MATERIAL SUPPLIED
-- Opening Marker --

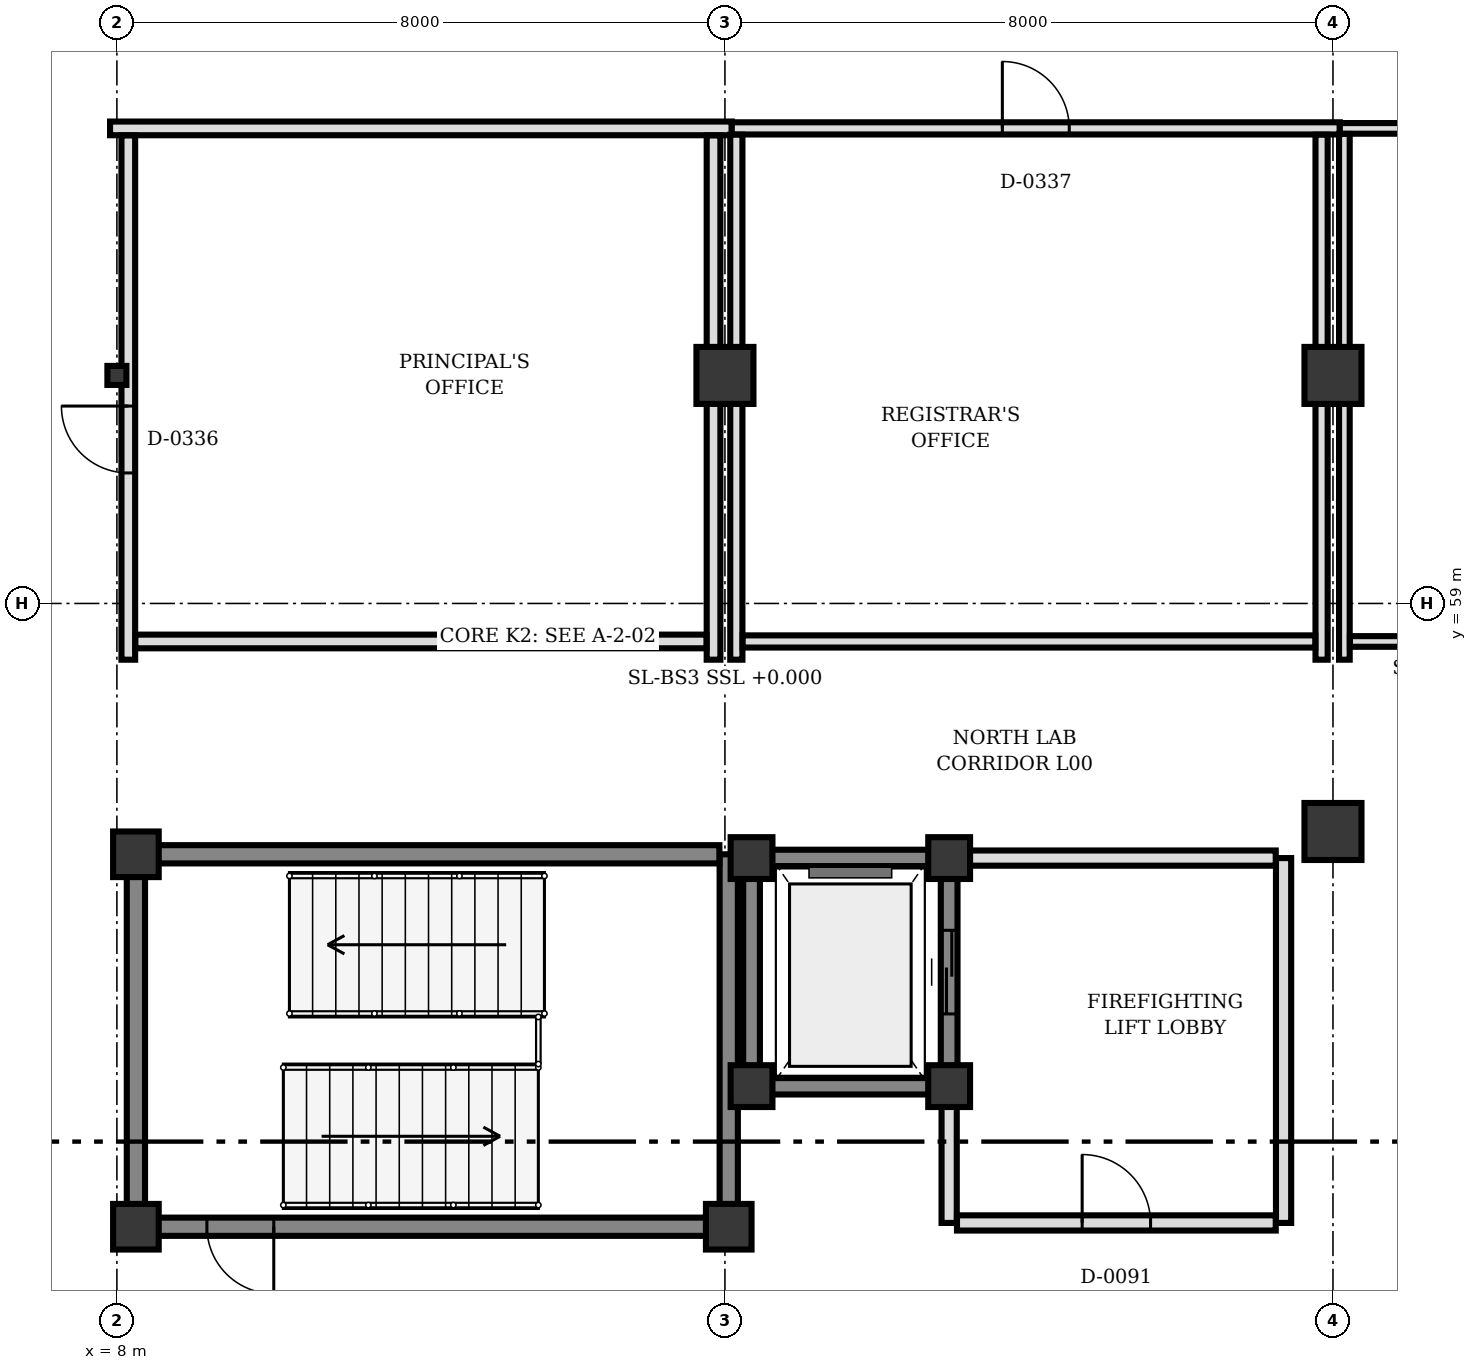
"""IFC4 building model, lengths in metres.
Left out: names, types, materials, properties, quantities, classifications, styles, units other than length and angle.
Written with IfcOpenShell. Run it as: python <this file> out.ifc"""

import sys

from ifc_helpers import new_model, si_unit, direction, frame, frame_2d, origin, origin_2d, place, context, subcontext, project, spatial, rectangle, hollow_rectangle, extrude, element, fill, save


model = new_model("IFC4")
c1 = context("Model", 3, precision=1e-05, world=origin(), true_north=direction((0.0, 1.0)))
c2 = subcontext(c1, "Body", "Model", "MODEL_VIEW")
j1 = project(units=[si_unit("LENGTHUNIT", "METRE"), si_unit("PLANEANGLEUNIT", "RADIAN")], contexts=[c1])
p1 = place(None, origin())
s1 = spatial("IfcSite", under=j1, at=p1, CompositionType="ELEMENT")
p2 = place(p1, origin())
s2 = spatial("IfcBuilding", under=s1, at=p2, CompositionType="ELEMENT")
p3 = place(p2, origin())
s3 = spatial("IfcBuildingStorey", under=s2, at=p3, CompositionType="ELEMENT", Elevation=0.0)
for number, where, z_axis, x_axis in (
    (1, (8.25, 50.8, 0.0), (0.0, 0.0, 1.0), (1.0, 0.0, 0.0)),
    (2, (16.05, 50.8, 0.0), (0.0, 0.0, 1.0), (1.0, 0.0, 0.0)),
    (3, (8.25, 55.7, 0.0), (0.0, 0.0, 1.0), (1.0, 0.0, 0.0)),
):
    element("IfcColumn", number, at=place(p3, frame(where, z_axis=z_axis, x_axis=x_axis)), inside=s3, PredefinedType="COLUMN", context=c2, shape_type="SweptSolid", body=[
        extrude(rectangle(XDim=0.6, YDim=0.6, at=origin_2d()), origin(), (0.0, 0.0, 1.0), 4.5),
    ])
for number, where, z_axis, x_axis in (
    (4, (16.35, 52.65, 0.0), (0.0, 0.0, 1.0), (1.0, 0.0, 0.0)),
    (5, (18.95, 52.65, 0.0), (0.0, 0.0, 1.0), (1.0, 0.0, 0.0)),
    (6, (18.95, 55.65, 0.0), (0.0, 0.0, 1.0), (1.0, 0.0, 0.0)),
    (7, (16.35, 55.65, 0.0), (0.0, 0.0, 1.0), (1.0, 0.0, 0.0)),
):
    element("IfcColumn", number, at=place(p3, frame(where, z_axis=z_axis, x_axis=x_axis)), inside=s3, PredefinedType="COLUMN", context=c2, shape_type="SweptSolid", body=[
        extrude(rectangle(XDim=0.55, YDim=0.55, at=origin_2d()), origin(), (0.0, 0.0, 1.0), 4.5),
    ])
for number, where, z_axis, x_axis in (
    (8, (16.0, 62.0, 0.0), (0.0, 0.0, 1.0), (1.0, 0.0, 0.0)),
    (9, (24.0, 56.0, 0.0), (0.0, 0.0, 1.0), (1.0, 0.0, 0.0)),
    (10, (24.0, 62.0, 0.0), (0.0, 0.0, 1.0), (1.0, 0.0, 0.0)),
):
    element("IfcColumn", number, at=place(p3, frame(where, z_axis=z_axis, x_axis=x_axis)), inside=s3, PredefinedType="COLUMN", context=c2, shape_type="SweptSolid", body=[
        extrude(rectangle(XDim=0.75, YDim=0.75, at=origin_2d()), origin(), (0.0, 0.0, 1.0), 4.5),
    ])
p4 = place(p3, frame((8.0, 62.0, 0.0), z_axis=(0.0, 0.0, 1.0), x_axis=(1.0, 0.0, 0.0)))
e11 = element("IfcColumn", 11, at=p4, inside=s3, PredefinedType="COLUMN", context=c2, shape_type="SweptSolid", body=[
    extrude(hollow_rectangle(XDim=0.25, YDim=0.25, WallThickness=0.01, at=origin_2d()), origin(), (0.0, 0.0, 1.0), 4.5),
])
p5 = place(p3, frame((8.25, 51.092, 0.0), z_axis=(0.0, 0.0, 1.0), x_axis=(0.0, 1.0, 0.0)))
e12 = element("IfcWall", 12, at=p5, inside=s3, PredefinedType="SHEAR", context=c2, shape_type="SweptSolid", body=[
    extrude(rectangle(XDim=4.316, YDim=0.24, at=frame_2d((2.158, 0.0))), origin(), (0.0, 0.0, 1.0), 4.24),
])
p6 = place(p3, frame((16.05, 55.7, 0.0), z_axis=(0.0, 0.0, 1.0), x_axis=(0.0, -1.0, 0.0)))
e13 = element("IfcWall", 13, at=p6, inside=s3, PredefinedType="SHEAR", context=c2, shape_type="SweptSolid", body=[
    extrude(rectangle(XDim=4.608, YDim=0.24, at=frame_2d((2.304, 0.0))), origin(), (0.0, 0.0, 1.0), 4.24),
])
p7 = place(p3, frame((15.758, 50.8, 0.0), z_axis=(0.0, 0.0, 1.0), x_axis=(-1.0, 0.0, 0.0)))
e14 = element("IfcWall", 14, at=p7, inside=s3, PredefinedType="SHEAR", context=c2, shape_type="SweptSolid", body=[
    extrude(rectangle(XDim=7.216, YDim=0.24, at=frame_2d((3.608, 0.0))), origin(), (0.0, 0.0, 1.0), 4.24),
])
p8 = place(p7, frame((5.694, 0.0, 0.0)))
e15 = element("IfcOpeningElement", 15, at=p8, cuts=e14, PredefinedType="OPENING", context=c2, shape_type="SweptSolid", body=[
    extrude(rectangle(XDim=0.88, YDim=2.1, at=frame_2d((0.44, 1.05))), frame((0.0, 0.13, 0.0), z_axis=(0.0, -1.0, 0.0), x_axis=(1.0, 0.0, 0.0)), (0.0, 0.0, 1.0), 0.26),
])
p9 = place(p3, frame((15.927, 55.7, 0.0), z_axis=(0.0, 0.0, 1.0), x_axis=(-1.0, 0.0, 0.0)))
e16 = element("IfcWall", 16, at=p9, inside=s3, PredefinedType="SHEAR", context=c2, shape_type="SweptSolid", body=[
    extrude(rectangle(XDim=7.385, YDim=0.24, at=frame_2d((3.692, 0.0))), origin(), (0.0, 0.0, 1.0), 4.24),
])
p10 = place(p3, frame((16.617, 52.65, 0.0), z_axis=(0.0, 0.0, 1.0), x_axis=(1.0, 0.0, 0.0)))
e17 = element("IfcWall", 17, at=p10, inside=s3, PredefinedType="SHEAR", context=c2, shape_type="SweptSolid", body=[
    extrude(rectangle(XDim=2.066, YDim=0.22, at=frame_2d((1.033, 0.0))), origin(), (0.0, 0.0, 1.0), 4.24),
])
p11 = place(p3, frame((18.95, 52.917, 0.0), z_axis=(0.0, 0.0, 1.0), x_axis=(0.0, 1.0, 0.0)))
e18 = element("IfcWall", 18, at=p11, inside=s3, PredefinedType="SHEAR", context=c2, shape_type="SweptSolid", body=[
    extrude(rectangle(XDim=2.466, YDim=0.22, at=frame_2d((1.233, 0.0))), origin(), (0.0, 0.0, 1.0), 4.24),
])
p12 = place(p11, frame((0.683, 0.0, 0.0)))
e19 = element("IfcOpeningElement", 19, at=p12, cuts=e18, PredefinedType="OPENING", context=c2, shape_type="SweptSolid", body=[
    extrude(rectangle(XDim=1.1, YDim=2.15, at=frame_2d((0.55, 1.075))), frame((0.0, 0.12, 0.0), z_axis=(0.0, -1.0, 0.0), x_axis=(1.0, 0.0, 0.0)), (0.0, 0.0, 1.0), 0.24),
])
p13 = place(p3, frame((18.683, 55.65, 0.0), z_axis=(0.0, 0.0, 1.0), x_axis=(-1.0, 0.0, 0.0)))
e20 = element("IfcWall", 20, at=p13, inside=s3, PredefinedType="SHEAR", context=c2, shape_type="SweptSolid", body=[
    extrude(rectangle(XDim=2.066, YDim=0.22, at=frame_2d((1.033, 0.0))), origin(), (0.0, 0.0, 1.0), 4.24),
])
p14 = place(p3, frame((16.35, 55.383, 0.0), z_axis=(0.0, 0.0, 1.0), x_axis=(0.0, -1.0, 0.0)))
e21 = element("IfcWall", 21, at=p14, inside=s3, PredefinedType="SHEAR", context=c2, shape_type="SweptSolid", body=[
    extrude(rectangle(XDim=2.466, YDim=0.22, at=frame_2d((1.233, 0.0))), origin(), (0.0, 0.0, 1.0), 4.24),
])
p15 = place(p3, frame((18.95, 50.85, 0.0), z_axis=(0.0, 0.0, 1.0), x_axis=(0.0, 1.0, 0.0)))
e22 = element("IfcWall", 22, at=p15, inside=s3, PredefinedType="PARTITIONING", context=c2, shape_type="SweptSolid", body=[
    extrude(rectangle(XDim=1.533, YDim=0.2, at=frame_2d((0.767, 0.0))), origin(), (0.0, 0.0, 1.0), 4.2),
])
p16 = place(p3, frame((23.35, 50.85, 0.0), z_axis=(0.0, 0.0, 1.0), x_axis=(0.0, 1.0, 0.0)))
e23 = element("IfcWall", 23, at=p16, inside=s3, PredefinedType="PARTITIONING", context=c2, shape_type="SweptSolid", body=[
    extrude(rectangle(XDim=4.8, YDim=0.2, at=frame_2d((2.4, 0.0))), origin(), (0.0, 0.0, 1.0), 4.2),
])
p17 = place(p3, frame((19.217, 55.65, 0.0), z_axis=(0.0, 0.0, 1.0), x_axis=(1.0, 0.0, 0.0)))
e24 = element("IfcWall", 24, at=p17, inside=s3, PredefinedType="PARTITIONING", context=c2, shape_type="SweptSolid", body=[
    extrude(rectangle(XDim=4.03, YDim=0.2, at=frame_2d((2.015, 0.0))), origin(), (0.0, 0.0, 1.0), 4.2),
])
p18 = place(p3, frame((19.053, 50.85, 0.0), z_axis=(0.0, 0.0, 1.0), x_axis=(1.0, 0.0, 0.0)))
e25 = element("IfcWall", 25, at=p18, inside=s3, PredefinedType="PARTITIONING", context=c2, shape_type="SweptSolid", body=[
    extrude(rectangle(XDim=4.194, YDim=0.2, at=frame_2d((2.097, 0.0))), origin(), (0.0, 0.0, 1.0), 4.2),
])
p19 = place(p18, frame((1.647, 0.0, 0.0)))
e26 = element("IfcOpeningElement", 26, at=p19, cuts=e25, PredefinedType="OPENING", context=c2, shape_type="SweptSolid", body=[
    extrude(rectangle(XDim=0.9, YDim=2.2, at=frame_2d((0.45, 1.1))), frame((0.0, 0.11, 0.0), z_axis=(0.0, -1.0, 0.0), x_axis=(1.0, 0.0, 0.0)), (0.0, 0.0, 1.0), 0.22),
])
p20 = place(p3, frame((7.91, 65.25, 0.0), z_axis=(0.0, 0.0, 1.0), x_axis=(1.0, 0.0, 0.0)))
e27 = element("IfcWall", 27, at=p20, inside=s3, PredefinedType="PARTITIONING", context=c2, shape_type="SweptSolid", body=[
    extrude(rectangle(XDim=8.18, YDim=0.18, at=frame_2d((4.09, 0.0))), origin(), (0.0, 0.0, 1.0), 3.532),
])
p21 = place(p3, frame((15.85, 65.157, 0.0), z_axis=(0.0, 0.0, 1.0), x_axis=(0.0, -1.0, 0.0)))
e28 = element("IfcWall", 28, at=p21, inside=s3, PredefinedType="PARTITIONING", context=c2, shape_type="SweptSolid", body=[
    extrude(rectangle(XDim=2.79, YDim=0.18, at=frame_2d((1.395, 0.0))), origin(), (0.0, 0.0, 1.0), 3.632),
])
p22 = place(p3, frame((15.85, 61.633, 0.0), z_axis=(0.0, 0.0, 1.0), x_axis=(0.0, -1.0, 0.0)))
e29 = element("IfcWall", 29, at=p22, inside=s3, PredefinedType="PARTITIONING", context=c2, shape_type="SweptSolid", body=[
    extrude(rectangle(XDim=3.373, YDim=0.18, at=frame_2d((1.687, 0.0))), origin(), (0.0, 0.0, 1.0), 4.2),
])
p23 = place(p3, frame((8.15, 58.26, 0.0), z_axis=(0.0, 0.0, 1.0), x_axis=(0.0, 1.0, 0.0)))
e30 = element("IfcWall", 30, at=p23, inside=s3, PredefinedType="PARTITIONING", context=c2, shape_type="SweptSolid", body=[
    extrude(rectangle(XDim=6.897, YDim=0.18, at=frame_2d((3.448, 0.0))), origin(), (0.0, 0.0, 1.0), 3.382),
])
p24 = place(p23, frame((2.457, 0.0, 0.0)))
e31 = element("IfcOpeningElement", 31, at=p24, cuts=e30, PredefinedType="OPENING", context=c2, shape_type="SweptSolid", body=[
    extrude(rectangle(XDim=0.88, YDim=2.1, at=frame_2d((0.44, 1.05))), frame((0.0, 0.1, 0.0), z_axis=(0.0, -1.0, 0.0), x_axis=(1.0, 0.0, 0.0)), (0.0, 0.0, 1.0), 0.2),
])
p25 = place(p3, frame((15.757, 58.5, 0.0), z_axis=(0.0, 0.0, 1.0), x_axis=(-1.0, 0.0, 0.0)))
e32 = element("IfcWall", 32, at=p25, inside=s3, PredefinedType="PARTITIONING", context=c2, shape_type="SweptSolid", body=[
    extrude(rectangle(XDim=7.514, YDim=0.18, at=frame_2d((3.757, 0.0))), origin(), (0.0, 0.0, 1.0), 4.2),
])
p26 = place(p3, frame((16.09, 65.25, 0.0), z_axis=(0.0, 0.0, 1.0), x_axis=(1.0, 0.0, 0.0)))
e33 = element("IfcWall", 33, at=p26, inside=s3, PredefinedType="PARTITIONING", context=c2, shape_type="SweptSolid", body=[
    extrude(rectangle(XDim=8.0, YDim=0.16, at=frame_2d((4.0, 0.0))), origin(), (0.0, 0.0, 1.0), 3.532),
])
p27 = place(p26, frame((3.56, 0.0, 0.0)))
e34 = element("IfcOpeningElement", 34, at=p27, cuts=e33, PredefinedType="OPENING", context=c2, shape_type="SweptSolid", body=[
    extrude(rectangle(XDim=0.88, YDim=2.1, at=frame_2d((0.44, 1.05))), frame((0.0, 0.09, 0.0), z_axis=(0.0, -1.0, 0.0), x_axis=(1.0, 0.0, 0.0)), (0.0, 0.0, 1.0), 0.18),
])
p28 = place(p3, frame((23.85, 65.167, 0.0), z_axis=(0.0, 0.0, 1.0), x_axis=(0.0, -1.0, 0.0)))
e35 = element("IfcWall", 35, at=p28, inside=s3, PredefinedType="PARTITIONING", context=c2, shape_type="SweptSolid", body=[
    extrude(rectangle(XDim=2.8, YDim=0.16, at=frame_2d((1.4, 0.0))), origin(), (0.0, 0.0, 1.0), 3.532),
])
p29 = place(p3, frame((23.85, 61.633, 0.0), z_axis=(0.0, 0.0, 1.0), x_axis=(0.0, -1.0, 0.0)))
e36 = element("IfcWall", 36, at=p29, inside=s3, PredefinedType="PARTITIONING", context=c2, shape_type="SweptSolid", body=[
    extrude(rectangle(XDim=3.373, YDim=0.16, at=frame_2d((1.687, 0.0))), origin(), (0.0, 0.0, 1.0), 3.532),
])
p30 = place(p3, frame((16.15, 58.26, 0.0), z_axis=(0.0, 0.0, 1.0), x_axis=(0.0, 1.0, 0.0)))
e37 = element("IfcWall", 37, at=p30, inside=s3, PredefinedType="PARTITIONING", context=c2, shape_type="SweptSolid", body=[
    extrude(rectangle(XDim=3.373, YDim=0.16, at=frame_2d((1.687, 0.0))), origin(), (0.0, 0.0, 1.0), 4.2),
])
p31 = place(p3, frame((16.15, 62.367, 0.0), z_axis=(0.0, 0.0, 1.0), x_axis=(0.0, 1.0, 0.0)))
e38 = element("IfcWall", 38, at=p31, inside=s3, PredefinedType="PARTITIONING", context=c2, shape_type="SweptSolid", body=[
    extrude(rectangle(XDim=2.8, YDim=0.16, at=frame_2d((1.4, 0.0))), origin(), (0.0, 0.0, 1.0), 3.632),
])
p32 = place(p3, frame((23.767, 58.5, 0.0), z_axis=(0.0, 0.0, 1.0), x_axis=(-1.0, 0.0, 0.0)))
e39 = element("IfcWall", 39, at=p32, inside=s3, PredefinedType="PARTITIONING", context=c2, shape_type="SweptSolid", body=[
    extrude(rectangle(XDim=7.534, YDim=0.16, at=frame_2d((3.767, 0.0))), origin(), (0.0, 0.0, 1.0), 3.532),
])
p33 = place(p3, frame((24.09, 65.25, 0.0), z_axis=(0.0, 0.0, 1.0), x_axis=(1.0, 0.0, 0.0)))
e40 = element("IfcWall", 40, at=p33, inside=s3, PredefinedType="PARTITIONING", context=c2, shape_type="SweptSolid", body=[
    extrude(rectangle(XDim=7.767, YDim=0.14, at=frame_2d((3.883, 0.0))), origin(), (0.0, 0.0, 1.0), 3.532),
])
p34 = place(p33, frame((3.443, 0.0, 0.0)))
e41 = element("IfcOpeningElement", 41, at=p34, cuts=e40, PredefinedType="OPENING", context=c2, shape_type="SweptSolid", body=[
    extrude(rectangle(XDim=0.88, YDim=2.1, at=frame_2d((0.44, 1.05))), frame((0.0, 0.08, 0.0), z_axis=(0.0, -1.0, 0.0), x_axis=(1.0, 0.0, 0.0)), (0.0, 0.0, 1.0), 0.16),
])
p35 = place(p3, frame((24.15, 58.26, 0.0), z_axis=(0.0, 0.0, 1.0), x_axis=(0.0, 1.0, 0.0)))
e42 = element("IfcWall", 42, at=p35, inside=s3, PredefinedType="PARTITIONING", context=c2, shape_type="SweptSolid", body=[
    extrude(rectangle(XDim=3.373, YDim=0.14, at=frame_2d((1.687, 0.0))), origin(), (0.0, 0.0, 1.0), 3.532),
])
p36 = place(p3, frame((24.15, 62.367, 0.0), z_axis=(0.0, 0.0, 1.0), x_axis=(0.0, 1.0, 0.0)))
e43 = element("IfcWall", 43, at=p36, inside=s3, PredefinedType="PARTITIONING", context=c2, shape_type="SweptSolid", body=[
    extrude(rectangle(XDim=2.81, YDim=0.14, at=frame_2d((1.405, 0.0))), origin(), (0.0, 0.0, 1.0), 3.532),
])
p37 = place(p3, frame((31.857, 58.5, 0.0), z_axis=(0.0, 0.0, 1.0), x_axis=(-1.0, 0.0, 0.0)))
e44 = element("IfcWall", 44, at=p37, inside=s3, PredefinedType="PARTITIONING", context=c2, shape_type="SweptSolid", body=[
    extrude(rectangle(XDim=7.634, YDim=0.14, at=frame_2d((3.817, 0.0))), origin(), (0.0, 0.0, 1.0), 3.532),
])
p38 = place(p8, origin())
e45 = element("IfcDoor", 45, at=p38, inside=s3, OperationType="SINGLE_SWING_LEFT", PredefinedType="DOOR", context=c2, shape_type="SweptSolid", body=[
    extrude(rectangle(XDim=0.88, YDim=2.1, at=frame_2d((0.44, 1.05))), frame((0.0, 0.025, 0.0), z_axis=(0.0, -1.0, 0.0), x_axis=(1.0, 0.0, 0.0)), (0.0, 0.0, 1.0), 0.05),
])
fill(e15, e45)
p39 = place(p12, origin())
e46 = element("IfcDoor", 46, at=p39, inside=s3, OperationType="DOUBLE_DOOR_SLIDING", PredefinedType="DOOR", context=c2, shape_type="SweptSolid", body=[
    extrude(rectangle(XDim=1.1, YDim=2.15, at=frame_2d((0.55, 1.075))), frame((0.0, 0.025, 0.0), z_axis=(0.0, -1.0, 0.0), x_axis=(1.0, 0.0, 0.0)), (0.0, 0.0, 1.0), 0.05),
])
fill(e19, e46)
p40 = place(p19, origin())
e47 = element("IfcDoor", 47, at=p40, inside=s3, OperationType="SINGLE_SWING_LEFT", PredefinedType="DOOR", context=c2, shape_type="SweptSolid", body=[
    extrude(rectangle(XDim=0.9, YDim=2.2, at=frame_2d((0.45, 1.1))), frame((0.0, 0.025, 0.0), z_axis=(0.0, -1.0, 0.0), x_axis=(1.0, 0.0, 0.0)), (0.0, 0.0, 1.0), 0.05),
])
fill(e26, e47)
p41 = place(p24, origin())
e48 = element("IfcDoor", 48, at=p41, inside=s3, OperationType="SINGLE_SWING_RIGHT", PredefinedType="DOOR", context=c2, shape_type="SweptSolid", body=[
    extrude(rectangle(XDim=0.88, YDim=2.1, at=frame_2d((0.44, 1.05))), frame((0.0, 0.025, 0.0), z_axis=(0.0, -1.0, 0.0), x_axis=(1.0, 0.0, 0.0)), (0.0, 0.0, 1.0), 0.05),
])
fill(e31, e48)
p42 = place(p27, origin())
e49 = element("IfcDoor", 49, at=p42, inside=s3, OperationType="SINGLE_SWING_LEFT", PredefinedType="DOOR", context=c2, shape_type="SweptSolid", body=[
    extrude(rectangle(XDim=0.88, YDim=2.1, at=frame_2d((0.44, 1.05))), frame((0.0, 0.025, 0.0), z_axis=(0.0, -1.0, 0.0), x_axis=(1.0, 0.0, 0.0)), (0.0, 0.0, 1.0), 0.05),
])
fill(e34, e49)
save(model, sys.argv[1])

-- Closing Marker --

Return the lines above that include the string "CompositionType".

s1 = spatial("IfcSite", under=j1, at=p1, CompositionType="ELEMENT")
s2 = spatial("IfcBuilding", under=s1, at=p2, CompositionType="ELEMENT")
s3 = spatial("IfcBuildingStorey", under=s2, at=p3, CompositionType="ELEMENT", Elevation=0.0)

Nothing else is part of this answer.